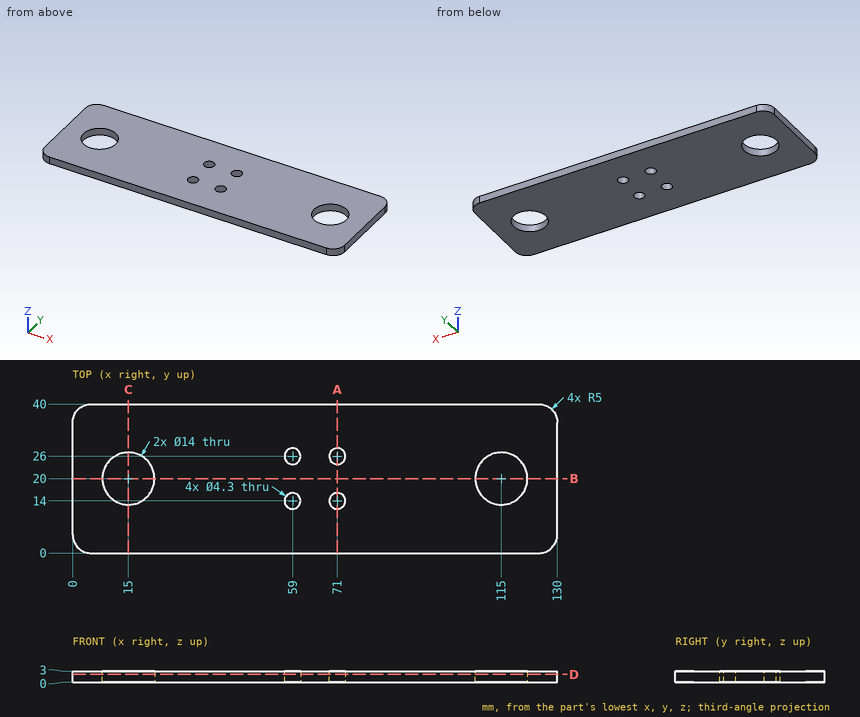
The figure shows three views and two pictorial views of one solid part (mm, origin at its lowest corner). Answer the questions. Give positions to 0.01 mm unless a question says otherwise; leave off trailing zeros. Order: outer loops, then holes, each group sorted by start corner. A loop starts at its lowest first (then second) coordinate and runs counter-clockwise, first axis right, second up. Notation, with made-up numbers: (-11, 6.25) - (31, 6.25) arc R33 cw to (31, 38.25) - close; hole circle Ø11 at (-25, 29). An arc over 180 degrees is marked (long way). Answer as CSV lines item,"result".
Q1. A cutting plane is placed at B-B, the plane y = 20. Determine the outline of the cut face in (x, z).
Answer key:
outline,"(0, 0) - (8, 0) - (8, 3) - (0, 3) - close; (22, 0) - (108, 0) - (108, 3) - (22, 3) - close; (122, 0) - (130, 0) - (130, 3) - (122, 3) - close"
Q2. A cutting plane is placed at D-D, the plane z = 2.15. Determine the outline of the cut face in (x, y).
Answer key:
outline,"(0, 5) arc R5 ccw to (5, 0) - (125, 0) arc R5 ccw to (130, 5) - (130, 35) arc R5 ccw to (125, 40) - (5, 40) arc R5 ccw to (0, 35) - close; hole circle Ø14 at (15, 20); hole circle Ø4.3 at (59, 14); hole circle Ø4.3 at (59, 26); hole circle Ø4.3 at (71, 14); hole circle Ø4.3 at (71, 26); hole circle Ø14 at (115, 20)"
Q3. A cutting plane is placed at C-C, the plane x = 15. Determine the outline of the cut face in (y, z), and give its area (3 significant figures).
Answer key:
outline,"(0, 0) - (13, 0) - (13, 3) - (0, 3) - close; (27, 0) - (40, 0) - (40, 3) - (27, 3) - close"
area,"78.0 mm^2"
Q4. Straight lines are drawn through the part: L1, parallel to Y at x = 59, z = 2.2; L2, parallel to X at y = 17, z = 2.85; L3, parallel to X at y = 24.5, z = 2.4. For each, find the intervals that lie inside material, in ascending order.
Answer key:
L1,"y = 0 to 11.85, 16.15 to 23.85, 28.15 to 40"
L2,"x = 0 to 8.68, 21.32 to 108.68, 121.32 to 130"
L3,"x = 0 to 9.64, 20.36 to 57.46, 60.54 to 69.46, 72.54 to 109.64, 120.36 to 130"
Q5. A cutting plane is placed at A-A, the plane x = 71. Determine the outline of the cut face in (y, z), and give its area (3 significant figures).
Answer key:
outline,"(0, 0) - (11.85, 0) - (11.85, 3) - (0, 3) - close; (16.15, 0) - (23.85, 0) - (23.85, 3) - (16.15, 3) - close; (28.15, 0) - (40, 0) - (40, 3) - (28.15, 3) - close"
area,"94.2 mm^2"

■ Assignment: Word for word, repeat the lines from the one holding "close; (27, 0)" through the last line of the entries, both included.

■ Output of the exercise:
outline,"(0, 0) - (13, 0) - (13, 3) - (0, 3) - close; (27, 0) - (40, 0) - (40, 3) - (27, 3) - close"
area,"78.0 mm^2"
Q4. Straight lines are drawn through the part: L1, parallel to Y at x = 59, z = 2.2; L2, parallel to X at y = 17, z = 2.85; L3, parallel to X at y = 24.5, z = 2.4. For each, find the intervals that lie inside material, in ascending order.
Answer key:
L1,"y = 0 to 11.85, 16.15 to 23.85, 28.15 to 40"
L2,"x = 0 to 8.68, 21.32 to 108.68, 121.32 to 130"
L3,"x = 0 to 9.64, 20.36 to 57.46, 60.54 to 69.46, 72.54 to 109.64, 120.36 to 130"
Q5. A cutting plane is placed at A-A, the plane x = 71. Determine the outline of the cut face in (y, z), and give its area (3 significant figures).
Answer key:
outline,"(0, 0) - (11.85, 0) - (11.85, 3) - (0, 3) - close; (16.15, 0) - (23.85, 0) - (23.85, 3) - (16.15, 3) - close; (28.15, 0) - (40, 0) - (40, 3) - (28.15, 3) - close"
area,"94.2 mm^2"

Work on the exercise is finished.